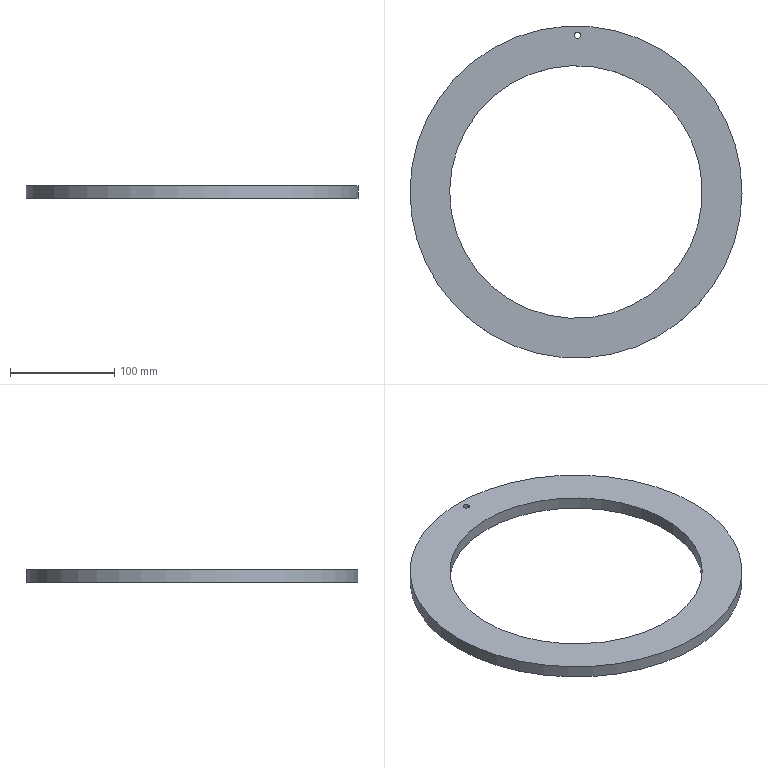Component | NX | FRICTION_DISC | 1 solid | 7 faces | box 318 x 318 x 12 mm | volume 400270 mm3 | cylinder 4 | plane 3 | commonest cylinder face diameters 318 x1 242 x1 6 x1 12 x1
STEP:
#1=CARTESIAN_POINT('',(0.,0.,0.));
#2=DIRECTION('',(0.,0.,1.));
#3=DIRECTION('',(1.,0.,0.));
#4=AXIS2_PLACEMENT_3D('',#1,#2,#3);
#5=CARTESIAN_POINT('',(-158.993,1.52,9.));
#6=VERTEX_POINT('',#5);
#7=CARTESIAN_POINT('',(0.,-0.,9.));
#8=DIRECTION('',(0.,0.,-1.));
#9=DIRECTION('',(-1.,0.009563,0.));
#10=AXIS2_PLACEMENT_3D('',#7,#8,#9);
#11=CIRCLE('',#10,159.);
#12=CARTESIAN_POINT('',(0.,-0.,9.));
#13=DIRECTION('',(0.,0.,1.));
#14=DIRECTION('',(1.,-0.009563,0.));
#15=AXIS2_PLACEMENT_3D('',#12,#13,#14);
#16=CYLINDRICAL_SURFACE('',#15,159.);
#17=CARTESIAN_POINT('',(9.425,0.));
#18=DIRECTION('',(-1.,0.));
#19=VECTOR('',#18,1.);
#20=LINE('',#17,#19);
#21=(GEOMETRIC_REPRESENTATION_CONTEXT(2)PARAMETRIC_REPRESENTATION_CONTEXT()REPRESENTATION_CONTEXT('',''));
#22=DEFINITIONAL_REPRESENTATION('',(#20),#21);
#23=PCURVE('',#16,#22);
#24=CARTESIAN_POINT('',(0.,-0.,9.));
#25=DIRECTION('',(0.,0.,-1.));
#26=DIRECTION('',(-1.,0.009563,0.));
#27=AXIS2_PLACEMENT_3D('',#24,#25,#26);
#28=PLANE('',#27);
#29=CARTESIAN_POINT('',(0.,0.));
#30=DIRECTION('',(1.,0.));
#31=AXIS2_PLACEMENT_2D('',#29,#30);
#32=CIRCLE('',#31,159.);
#33=(GEOMETRIC_REPRESENTATION_CONTEXT(2)PARAMETRIC_REPRESENTATION_CONTEXT()REPRESENTATION_CONTEXT('',''));
#34=DEFINITIONAL_REPRESENTATION('',(#32),#33);
#35=PCURVE('',#28,#34);
#36=SURFACE_CURVE('',#11,(#23,#35),.PCURVE_S1.);
#37=EDGE_CURVE('',#6,#6,#36,.T.);
#38=ORIENTED_EDGE('',*,*,#37,.F.);
#39=CARTESIAN_POINT('',(-158.993,1.52,21.));
#40=VERTEX_POINT('',#39);
#41=CARTESIAN_POINT('',(-158.993,1.52,9.));
#42=CARTESIAN_POINT('',(-158.993,1.52,21.));
#43=B_SPLINE_CURVE_WITH_KNOTS('',1,(#41,#42),.UNSPECIFIED.,.F.,.F.,(2,2),(0.,12.),.PIECEWISE_BEZIER_KNOTS.);
#44=CARTESIAN_POINT('',(9.425,0.));
#45=DIRECTION('',(0.,1.));
#46=VECTOR('',#45,1.);
#47=LINE('',#44,#46);
#48=(GEOMETRIC_REPRESENTATION_CONTEXT(2)PARAMETRIC_REPRESENTATION_CONTEXT()REPRESENTATION_CONTEXT('',''));
#49=DEFINITIONAL_REPRESENTATION('',(#47),#48);
#50=PCURVE('',#16,#49);
#51=CARTESIAN_POINT('',(3.142,0.));
#52=DIRECTION('',(0.,1.));
#53=VECTOR('',#52,1.);
#54=LINE('',#51,#53);
#55=(GEOMETRIC_REPRESENTATION_CONTEXT(2)PARAMETRIC_REPRESENTATION_CONTEXT()REPRESENTATION_CONTEXT('',''));
#56=DEFINITIONAL_REPRESENTATION('',(#54),#55);
#57=PCURVE('',#16,#56);
#58=SEAM_CURVE('',#43,(#50,#57),.PCURVE_S1.);
#59=EDGE_CURVE('',#6,#40,#58,.T.);
#60=ORIENTED_EDGE('',*,*,#59,.T.);
#61=CARTESIAN_POINT('',(0.,-0.,21.));
#62=DIRECTION('',(0.,0.,-1.));
#63=DIRECTION('',(-1.,0.009563,0.));
#64=AXIS2_PLACEMENT_3D('',#61,#62,#63);
#65=CIRCLE('',#64,159.);
#66=CARTESIAN_POINT('',(9.425,12.));
#67=DIRECTION('',(-1.,0.));
#68=VECTOR('',#67,1.);
#69=LINE('',#66,#68);
#70=(GEOMETRIC_REPRESENTATION_CONTEXT(2)PARAMETRIC_REPRESENTATION_CONTEXT()REPRESENTATION_CONTEXT('',''));
#71=DEFINITIONAL_REPRESENTATION('',(#69),#70);
#72=PCURVE('',#16,#71);
#73=CARTESIAN_POINT('',(0.,-0.,21.));
#74=DIRECTION('',(0.,0.,-1.));
#75=DIRECTION('',(-1.,0.009563,0.));
#76=AXIS2_PLACEMENT_3D('',#73,#74,#75);
#77=PLANE('',#76);
#78=CARTESIAN_POINT('',(0.,0.));
#79=DIRECTION('',(1.,0.));
#80=AXIS2_PLACEMENT_2D('',#78,#79);
#81=CIRCLE('',#80,159.);
#82=(GEOMETRIC_REPRESENTATION_CONTEXT(2)PARAMETRIC_REPRESENTATION_CONTEXT()REPRESENTATION_CONTEXT('',''));
#83=DEFINITIONAL_REPRESENTATION('',(#81),#82);
#84=PCURVE('',#77,#83);
#85=SURFACE_CURVE('',#65,(#72,#84),.PCURVE_S1.);
#86=EDGE_CURVE('',#40,#40,#85,.T.);
#87=ORIENTED_EDGE('',*,*,#86,.T.);
#88=ORIENTED_EDGE('',*,*,#59,.F.);
#89=EDGE_LOOP('',(#38,#60,#87,#88));
#90=FACE_BOUND('',#89,.T.);
#91=ADVANCED_FACE('',(#90),#16,.T.);
#92=CARTESIAN_POINT('',(-120.994,1.157,9.));
#93=VERTEX_POINT('',#92);
#94=CARTESIAN_POINT('',(0.,-0.,9.));
#95=DIRECTION('',(0.,0.,-1.));
#96=DIRECTION('',(-1.,0.009563,0.));
#97=AXIS2_PLACEMENT_3D('',#94,#95,#96);
#98=CIRCLE('',#97,121.);
#99=CARTESIAN_POINT('',(0.,-0.,9.));
#100=DIRECTION('',(0.,0.,1.));
#101=DIRECTION('',(1.,-0.009563,0.));
#102=AXIS2_PLACEMENT_3D('',#99,#100,#101);
#103=CYLINDRICAL_SURFACE('',#102,121.);
#104=CARTESIAN_POINT('',(9.425,0.));
#105=DIRECTION('',(-1.,0.));
#106=VECTOR('',#105,1.);
#107=LINE('',#104,#106);
#108=(GEOMETRIC_REPRESENTATION_CONTEXT(2)PARAMETRIC_REPRESENTATION_CONTEXT()REPRESENTATION_CONTEXT('',''));
#109=DEFINITIONAL_REPRESENTATION('',(#107),#108);
#110=PCURVE('',#103,#109);
#111=CARTESIAN_POINT('',(0.,0.));
#112=DIRECTION('',(1.,0.));
#113=AXIS2_PLACEMENT_2D('',#111,#112);
#114=CIRCLE('',#113,121.);
#115=(GEOMETRIC_REPRESENTATION_CONTEXT(2)PARAMETRIC_REPRESENTATION_CONTEXT()REPRESENTATION_CONTEXT('',''));
#116=DEFINITIONAL_REPRESENTATION('',(#114),#115);
#117=PCURVE('',#28,#116);
#118=SURFACE_CURVE('',#98,(#110,#117),.PCURVE_S1.);
#119=EDGE_CURVE('',#93,#93,#118,.T.);
#120=ORIENTED_EDGE('',*,*,#119,.F.);
#121=CARTESIAN_POINT('',(-120.994,1.157,21.));
#122=VERTEX_POINT('',#121);
#123=CARTESIAN_POINT('',(-120.994,1.157,9.));
#124=CARTESIAN_POINT('',(-120.994,1.157,21.));
#125=B_SPLINE_CURVE_WITH_KNOTS('',1,(#123,#124),.UNSPECIFIED.,.F.,.F.,(2,2),(0.,12.),.PIECEWISE_BEZIER_KNOTS.);
#126=CARTESIAN_POINT('',(9.425,0.));
#127=DIRECTION('',(0.,1.));
#128=VECTOR('',#127,1.);
#129=LINE('',#126,#128);
#130=(GEOMETRIC_REPRESENTATION_CONTEXT(2)PARAMETRIC_REPRESENTATION_CONTEXT()REPRESENTATION_CONTEXT('',''));
#131=DEFINITIONAL_REPRESENTATION('',(#129),#130);
#132=PCURVE('',#103,#131);
#133=CARTESIAN_POINT('',(3.142,0.));
#134=DIRECTION('',(0.,1.));
#135=VECTOR('',#134,1.);
#136=LINE('',#133,#135);
#137=(GEOMETRIC_REPRESENTATION_CONTEXT(2)PARAMETRIC_REPRESENTATION_CONTEXT()REPRESENTATION_CONTEXT('',''));
#138=DEFINITIONAL_REPRESENTATION('',(#136),#137);
#139=PCURVE('',#103,#138);
#140=SEAM_CURVE('',#125,(#132,#139),.PCURVE_S1.);
#141=EDGE_CURVE('',#93,#122,#140,.T.);
#142=ORIENTED_EDGE('',*,*,#141,.T.);
#143=CARTESIAN_POINT('',(0.,-0.,21.));
#144=DIRECTION('',(0.,0.,-1.));
#145=DIRECTION('',(-1.,0.009563,0.));
#146=AXIS2_PLACEMENT_3D('',#143,#144,#145);
#147=CIRCLE('',#146,121.);
#148=CARTESIAN_POINT('',(9.425,12.));
#149=DIRECTION('',(-1.,0.));
#150=VECTOR('',#149,1.);
#151=LINE('',#148,#150);
#152=(GEOMETRIC_REPRESENTATION_CONTEXT(2)PARAMETRIC_REPRESENTATION_CONTEXT()REPRESENTATION_CONTEXT('',''));
#153=DEFINITIONAL_REPRESENTATION('',(#151),#152);
#154=PCURVE('',#103,#153);
#155=CARTESIAN_POINT('',(0.,0.));
#156=DIRECTION('',(1.,0.));
#157=AXIS2_PLACEMENT_2D('',#155,#156);
#158=CIRCLE('',#157,121.);
#159=(GEOMETRIC_REPRESENTATION_CONTEXT(2)PARAMETRIC_REPRESENTATION_CONTEXT()REPRESENTATION_CONTEXT('',''));
#160=DEFINITIONAL_REPRESENTATION('',(#158),#159);
#161=PCURVE('',#77,#160);
#162=SURFACE_CURVE('',#147,(#154,#161),.PCURVE_S1.);
#163=EDGE_CURVE('',#122,#122,#162,.T.);
#164=ORIENTED_EDGE('',*,*,#163,.T.);
#165=ORIENTED_EDGE('',*,*,#141,.F.);
#166=EDGE_LOOP('',(#120,#142,#164,#165));
#167=FACE_BOUND('',#166,.F.);
#168=ADVANCED_FACE('',(#167),#103,.F.);
#169=CARTESIAN_POINT('',(7.434,149.936,9.));
#170=VERTEX_POINT('',#169);
#171=CARTESIAN_POINT('',(1.434,149.993,9.));
#172=DIRECTION('',(0.,0.,1.));
#173=DIRECTION('',(1.,-0.009563,0.));
#174=AXIS2_PLACEMENT_3D('',#171,#172,#173);
#175=CIRCLE('',#174,6.);
#176=CARTESIAN_POINT('',(-6.,150.));
#177=CARTESIAN_POINT('',(-6.,160.392));
#178=CARTESIAN_POINT('',(3.,155.196));
#179=CARTESIAN_POINT('',(12.,150.));
#180=CARTESIAN_POINT('',(3.,144.804));
#181=CARTESIAN_POINT('',(-6.,139.608));
#182=CARTESIAN_POINT('',(-6.,150.));
#183=(BOUNDED_CURVE()B_SPLINE_CURVE(2,(#176,#177,#178,#179,#180,#181,#182),.UNSPECIFIED.,.T.,.F.)B_SPLINE_CURVE_WITH_KNOTS((1,2,2,2,2,1),(-2.094,0.,2.094,4.189,6.283,8.378),.UNSPECIFIED.)CURVE()GEOMETRIC_REPRESENTATION_ITEM()RATIONAL_B_SPLINE_CURVE((1.,0.5,1.,0.5,1.,0.5,1.))REPRESENTATION_ITEM(''));
#184=(GEOMETRIC_REPRESENTATION_CONTEXT(2)PARAMETRIC_REPRESENTATION_CONTEXT()REPRESENTATION_CONTEXT('',''));
#185=DEFINITIONAL_REPRESENTATION('',(#183),#184);
#186=PCURVE('',#28,#185);
#187=CARTESIAN_POINT('',(1.434,149.993,9.));
#188=DIRECTION('',(0.,0.,1.));
#189=DIRECTION('',(1.,-0.009563,0.));
#190=AXIS2_PLACEMENT_3D('',#187,#188,#189);
#191=CYLINDRICAL_SURFACE('',#190,6.);
#192=CARTESIAN_POINT('',(0.,0.));
#193=DIRECTION('',(1.,0.));
#194=VECTOR('',#193,1.);
#195=LINE('',#192,#194);
#196=(GEOMETRIC_REPRESENTATION_CONTEXT(2)PARAMETRIC_REPRESENTATION_CONTEXT()REPRESENTATION_CONTEXT('',''));
#197=DEFINITIONAL_REPRESENTATION('',(#195),#196);
#198=PCURVE('',#191,#197);
#199=SURFACE_CURVE('',#175,(#186,#198),.PCURVE_S1.);
#200=EDGE_CURVE('',#170,#170,#199,.T.);
#201=ORIENTED_EDGE('',*,*,#200,.T.);
#202=EDGE_LOOP('',(#201));
#203=FACE_BOUND('',#202,.T.);
#204=ORIENTED_EDGE('',*,*,#37,.T.);
#205=EDGE_LOOP('',(#204));
#206=FACE_BOUND('',#205,.T.);
#207=ORIENTED_EDGE('',*,*,#119,.F.);
#208=EDGE_LOOP('',(#207));
#209=FACE_BOUND('',#208,.T.);
#210=ADVANCED_FACE('',(#203,#206,#209),#28,.T.);
#211=CARTESIAN_POINT('',(-1.565,150.022,21.));
#212=VERTEX_POINT('',#211);
#213=CARTESIAN_POINT('',(4.434,149.964,21.));
#214=VERTEX_POINT('',#213);
#215=CARTESIAN_POINT('',(1.434,149.993,21.));
#216=DIRECTION('',(0.,0.,-1.));
#217=DIRECTION('',(-1.,0.009563,0.));
#218=AXIS2_PLACEMENT_3D('',#215,#216,#217);
#219=CIRCLE('',#218,3.);
#220=CARTESIAN_POINT('',(-0.,150.));
#221=DIRECTION('',(1.,-0.));
#222=AXIS2_PLACEMENT_2D('',#220,#221);
#223=CIRCLE('',#222,3.);
#224=(GEOMETRIC_REPRESENTATION_CONTEXT(2)PARAMETRIC_REPRESENTATION_CONTEXT()REPRESENTATION_CONTEXT('',''));
#225=DEFINITIONAL_REPRESENTATION('',(#223),#224);
#226=PCURVE('',#77,#225);
#227=CARTESIAN_POINT('',(1.434,149.993,211.783));
#228=DIRECTION('',(0.,0.,1.));
#229=DIRECTION('',(1.,-0.009563,0.));
#230=AXIS2_PLACEMENT_3D('',#227,#228,#229);
#231=CYLINDRICAL_SURFACE('',#230,3.);
#232=CARTESIAN_POINT('',(3.142,-190.783));
#233=DIRECTION('',(-1.,0.));
#234=VECTOR('',#233,1.);
#235=LINE('',#232,#234);
#236=(GEOMETRIC_REPRESENTATION_CONTEXT(2)PARAMETRIC_REPRESENTATION_CONTEXT()REPRESENTATION_CONTEXT('',''));
#237=DEFINITIONAL_REPRESENTATION('',(#235),#236);
#238=PCURVE('',#231,#237);
#239=SURFACE_CURVE('',#219,(#226,#238),.PCURVE_S1.);
#240=EDGE_CURVE('',#212,#214,#239,.T.);
#241=ORIENTED_EDGE('',*,*,#240,.T.);
#242=CARTESIAN_POINT('',(1.434,149.993,21.));
#243=DIRECTION('',(0.,0.,-1.));
#244=DIRECTION('',(-1.,0.009563,0.));
#245=AXIS2_PLACEMENT_3D('',#242,#243,#244);
#246=CIRCLE('',#245,3.);
#247=CARTESIAN_POINT('',(-0.,150.));
#248=DIRECTION('',(1.,-0.));
#249=AXIS2_PLACEMENT_2D('',#247,#248);
#250=CIRCLE('',#249,3.);
#251=(GEOMETRIC_REPRESENTATION_CONTEXT(2)PARAMETRIC_REPRESENTATION_CONTEXT()REPRESENTATION_CONTEXT('',''));
#252=DEFINITIONAL_REPRESENTATION('',(#250),#251);
#253=PCURVE('',#77,#252);
#254=CARTESIAN_POINT('',(9.425,-190.783));
#255=DIRECTION('',(-1.,0.));
#256=VECTOR('',#255,1.);
#257=LINE('',#254,#256);
#258=(GEOMETRIC_REPRESENTATION_CONTEXT(2)PARAMETRIC_REPRESENTATION_CONTEXT()REPRESENTATION_CONTEXT('',''));
#259=DEFINITIONAL_REPRESENTATION('',(#257),#258);
#260=PCURVE('',#231,#259);
#261=SURFACE_CURVE('',#246,(#253,#260),.PCURVE_S1.);
#262=EDGE_CURVE('',#214,#212,#261,.T.);
#263=ORIENTED_EDGE('',*,*,#262,.T.);
#264=EDGE_LOOP('',(#241,#263));
#265=FACE_BOUND('',#264,.T.);
#266=ORIENTED_EDGE('',*,*,#86,.F.);
#267=EDGE_LOOP('',(#266));
#268=FACE_BOUND('',#267,.T.);
#269=ORIENTED_EDGE('',*,*,#163,.T.);
#270=EDGE_LOOP('',(#269));
#271=FACE_BOUND('',#270,.T.);
#272=ADVANCED_FACE('',(#265,#268,#271),#77,.F.);
#273=CARTESIAN_POINT('',(4.434,149.964,15.));
#274=VERTEX_POINT('',#273);
#275=CARTESIAN_POINT('',(1.434,149.993,15.));
#276=DIRECTION('',(0.,0.,1.));
#277=DIRECTION('',(1.,-0.009563,0.));
#278=AXIS2_PLACEMENT_3D('',#275,#276,#277);
#279=CIRCLE('',#278,3.);
#280=CARTESIAN_POINT('',(0.,-196.783));
#281=DIRECTION('',(1.,0.));
#282=VECTOR('',#281,1.);
#283=LINE('',#280,#282);
#284=(GEOMETRIC_REPRESENTATION_CONTEXT(2)PARAMETRIC_REPRESENTATION_CONTEXT()REPRESENTATION_CONTEXT('',''));
#285=DEFINITIONAL_REPRESENTATION('',(#283),#284);
#286=PCURVE('',#231,#285);
#287=CARTESIAN_POINT('',(1.434,149.993,15.));
#288=DIRECTION('',(0.,0.,1.));
#289=DIRECTION('',(1.,-0.009563,0.));
#290=AXIS2_PLACEMENT_3D('',#287,#288,#289);
#291=PLANE('',#290);
#292=CARTESIAN_POINT('',(0.,0.));
#293=DIRECTION('',(1.,0.));
#294=AXIS2_PLACEMENT_2D('',#292,#293);
#295=CIRCLE('',#294,3.);
#296=(GEOMETRIC_REPRESENTATION_CONTEXT(2)PARAMETRIC_REPRESENTATION_CONTEXT()REPRESENTATION_CONTEXT('',''));
#297=DEFINITIONAL_REPRESENTATION('',(#295),#296);
#298=PCURVE('',#291,#297);
#299=SURFACE_CURVE('',#279,(#286,#298),.PCURVE_S1.);
#300=EDGE_CURVE('',#274,#274,#299,.T.);
#301=ORIENTED_EDGE('',*,*,#300,.T.);
#302=CARTESIAN_POINT('',(4.434,149.964,15.));
#303=CARTESIAN_POINT('',(4.434,149.964,21.));
#304=B_SPLINE_CURVE_WITH_KNOTS('',1,(#302,#303),.UNSPECIFIED.,.F.,.F.,(2,2),(-196.783,-190.783),.PIECEWISE_BEZIER_KNOTS.);
#305=CARTESIAN_POINT('',(6.283,0.));
#306=DIRECTION('',(0.,1.));
#307=VECTOR('',#306,1.);
#308=LINE('',#305,#307);
#309=(GEOMETRIC_REPRESENTATION_CONTEXT(2)PARAMETRIC_REPRESENTATION_CONTEXT()REPRESENTATION_CONTEXT('',''));
#310=DEFINITIONAL_REPRESENTATION('',(#308),#309);
#311=PCURVE('',#231,#310);
#312=CARTESIAN_POINT('',(0.,0.));
#313=DIRECTION('',(0.,1.));
#314=VECTOR('',#313,1.);
#315=LINE('',#312,#314);
#316=(GEOMETRIC_REPRESENTATION_CONTEXT(2)PARAMETRIC_REPRESENTATION_CONTEXT()REPRESENTATION_CONTEXT('',''));
#317=DEFINITIONAL_REPRESENTATION('',(#315),#316);
#318=PCURVE('',#231,#317);
#319=SEAM_CURVE('',#304,(#311,#318),.PCURVE_S1.);
#320=EDGE_CURVE('',#274,#214,#319,.T.);
#321=ORIENTED_EDGE('',*,*,#320,.T.);
#322=ORIENTED_EDGE('',*,*,#262,.T.);
#323=ORIENTED_EDGE('',*,*,#240,.T.);
#324=ORIENTED_EDGE('',*,*,#320,.F.);
#325=EDGE_LOOP('',(#301,#321,#322,#323,#324));
#326=FACE_BOUND('',#325,.F.);
#327=ADVANCED_FACE('',(#326),#231,.F.);
#328=ORIENTED_EDGE('',*,*,#300,.T.);
#329=EDGE_LOOP('',(#328));
#330=FACE_BOUND('',#329,.T.);
#331=CARTESIAN_POINT('',(7.434,149.936,15.));
#332=VERTEX_POINT('',#331);
#333=CARTESIAN_POINT('',(1.434,149.993,15.));
#334=DIRECTION('',(0.,0.,1.));
#335=DIRECTION('',(1.,-0.009563,0.));
#336=AXIS2_PLACEMENT_3D('',#333,#334,#335);
#337=CIRCLE('',#336,6.);
#338=CARTESIAN_POINT('',(0.,0.));
#339=DIRECTION('',(1.,0.));
#340=AXIS2_PLACEMENT_2D('',#338,#339);
#341=CIRCLE('',#340,6.);
#342=(GEOMETRIC_REPRESENTATION_CONTEXT(2)PARAMETRIC_REPRESENTATION_CONTEXT()REPRESENTATION_CONTEXT('',''));
#343=DEFINITIONAL_REPRESENTATION('',(#341),#342);
#344=PCURVE('',#291,#343);
#345=CARTESIAN_POINT('',(0.,6.));
#346=DIRECTION('',(1.,0.));
#347=VECTOR('',#346,1.);
#348=LINE('',#345,#347);
#349=(GEOMETRIC_REPRESENTATION_CONTEXT(2)PARAMETRIC_REPRESENTATION_CONTEXT()REPRESENTATION_CONTEXT('',''));
#350=DEFINITIONAL_REPRESENTATION('',(#348),#349);
#351=PCURVE('',#191,#350);
#352=SURFACE_CURVE('',#337,(#344,#351),.PCURVE_S1.);
#353=EDGE_CURVE('',#332,#332,#352,.T.);
#354=ORIENTED_EDGE('',*,*,#353,.F.);
#355=EDGE_LOOP('',(#354));
#356=FACE_BOUND('',#355,.T.);
#357=ADVANCED_FACE('',(#330,#356),#291,.F.);
#358=ORIENTED_EDGE('',*,*,#353,.F.);
#359=CARTESIAN_POINT('',(7.434,149.936,9.));
#360=CARTESIAN_POINT('',(7.434,149.936,15.));
#361=B_SPLINE_CURVE_WITH_KNOTS('',1,(#359,#360),.UNSPECIFIED.,.F.,.F.,(2,2),(0.,6.),.PIECEWISE_BEZIER_KNOTS.);
#362=CARTESIAN_POINT('',(0.,0.));
#363=DIRECTION('',(0.,1.));
#364=VECTOR('',#363,1.);
#365=LINE('',#362,#364);
#366=(GEOMETRIC_REPRESENTATION_CONTEXT(2)PARAMETRIC_REPRESENTATION_CONTEXT()REPRESENTATION_CONTEXT('',''));
#367=DEFINITIONAL_REPRESENTATION('',(#365),#366);
#368=PCURVE('',#191,#367);
#369=CARTESIAN_POINT('',(6.283,0.));
#370=DIRECTION('',(0.,1.));
#371=VECTOR('',#370,1.);
#372=LINE('',#369,#371);
#373=(GEOMETRIC_REPRESENTATION_CONTEXT(2)PARAMETRIC_REPRESENTATION_CONTEXT()REPRESENTATION_CONTEXT('',''));
#374=DEFINITIONAL_REPRESENTATION('',(#372),#373);
#375=PCURVE('',#191,#374);
#376=SEAM_CURVE('',#361,(#368,#375),.PCURVE_S1.);
#377=EDGE_CURVE('',#170,#332,#376,.T.);
#378=ORIENTED_EDGE('',*,*,#377,.F.);
#379=ORIENTED_EDGE('',*,*,#200,.T.);
#380=ORIENTED_EDGE('',*,*,#377,.T.);
#381=EDGE_LOOP('',(#358,#378,#379,#380));
#382=FACE_BOUND('',#381,.F.);
#383=ADVANCED_FACE('',(#382),#191,.F.);
#384=CLOSED_SHELL('',(#91,#168,#210,#272,#327,#357,#383));
#385=MANIFOLD_SOLID_BREP('',#384);
#386=(LENGTH_UNIT()NAMED_UNIT(*)SI_UNIT(.MILLI.,.METRE.));
#387=UNCERTAINTY_MEASURE_WITH_UNIT(LENGTH_MEASURE(0.000005),#386,'','');
#388=(NAMED_UNIT(*)PLANE_ANGLE_UNIT()SI_UNIT($,.RADIAN.));
#389=(NAMED_UNIT(*)SI_UNIT($,.STERADIAN.)SOLID_ANGLE_UNIT());
#390=(GEOMETRIC_REPRESENTATION_CONTEXT(3)GLOBAL_UNCERTAINTY_ASSIGNED_CONTEXT((#387))GLOBAL_UNIT_ASSIGNED_CONTEXT((#386,#388,#389))REPRESENTATION_CONTEXT('',''));
#391=ADVANCED_BREP_SHAPE_REPRESENTATION('',(#4,#385),#390);

What you have to do:
Beginning at the line with "#104=CARTESIAN_POINT('',(9.425,0.));" and ending at the line with "#147=CIRCLE('',#146,121.);", reproduce each line of the data above exactly, and add no other lines.

Answer to the exercise:
#104=CARTESIAN_POINT('',(9.425,0.));
#105=DIRECTION('',(-1.,0.));
#106=VECTOR('',#105,1.);
#107=LINE('',#104,#106);
#108=(GEOMETRIC_REPRESENTATION_CONTEXT(2)PARAMETRIC_REPRESENTATION_CONTEXT()REPRESENTATION_CONTEXT('',''));
#109=DEFINITIONAL_REPRESENTATION('',(#107),#108);
#110=PCURVE('',#103,#109);
#111=CARTESIAN_POINT('',(0.,0.));
#112=DIRECTION('',(1.,0.));
#113=AXIS2_PLACEMENT_2D('',#111,#112);
#114=CIRCLE('',#113,121.);
#115=(GEOMETRIC_REPRESENTATION_CONTEXT(2)PARAMETRIC_REPRESENTATION_CONTEXT()REPRESENTATION_CONTEXT('',''));
#116=DEFINITIONAL_REPRESENTATION('',(#114),#115);
#117=PCURVE('',#28,#116);
#118=SURFACE_CURVE('',#98,(#110,#117),.PCURVE_S1.);
#119=EDGE_CURVE('',#93,#93,#118,.T.);
#120=ORIENTED_EDGE('',*,*,#119,.F.);
#121=CARTESIAN_POINT('',(-120.994,1.157,21.));
#122=VERTEX_POINT('',#121);
#123=CARTESIAN_POINT('',(-120.994,1.157,9.));
#124=CARTESIAN_POINT('',(-120.994,1.157,21.));
#125=B_SPLINE_CURVE_WITH_KNOTS('',1,(#123,#124),.UNSPECIFIED.,.F.,.F.,(2,2),(0.,12.),.PIECEWISE_BEZIER_KNOTS.);
#126=CARTESIAN_POINT('',(9.425,0.));
#127=DIRECTION('',(0.,1.));
#128=VECTOR('',#127,1.);
#129=LINE('',#126,#128);
#130=(GEOMETRIC_REPRESENTATION_CONTEXT(2)PARAMETRIC_REPRESENTATION_CONTEXT()REPRESENTATION_CONTEXT('',''));
#131=DEFINITIONAL_REPRESENTATION('',(#129),#130);
#132=PCURVE('',#103,#131);
#133=CARTESIAN_POINT('',(3.142,0.));
#134=DIRECTION('',(0.,1.));
#135=VECTOR('',#134,1.);
#136=LINE('',#133,#135);
#137=(GEOMETRIC_REPRESENTATION_CONTEXT(2)PARAMETRIC_REPRESENTATION_CONTEXT()REPRESENTATION_CONTEXT('',''));
#138=DEFINITIONAL_REPRESENTATION('',(#136),#137);
#139=PCURVE('',#103,#138);
#140=SEAM_CURVE('',#125,(#132,#139),.PCURVE_S1.);
#141=EDGE_CURVE('',#93,#122,#140,.T.);
#142=ORIENTED_EDGE('',*,*,#141,.T.);
#143=CARTESIAN_POINT('',(0.,-0.,21.));
#144=DIRECTION('',(0.,0.,-1.));
#145=DIRECTION('',(-1.,0.009563,0.));
#146=AXIS2_PLACEMENT_3D('',#143,#144,#145);
#147=CIRCLE('',#146,121.);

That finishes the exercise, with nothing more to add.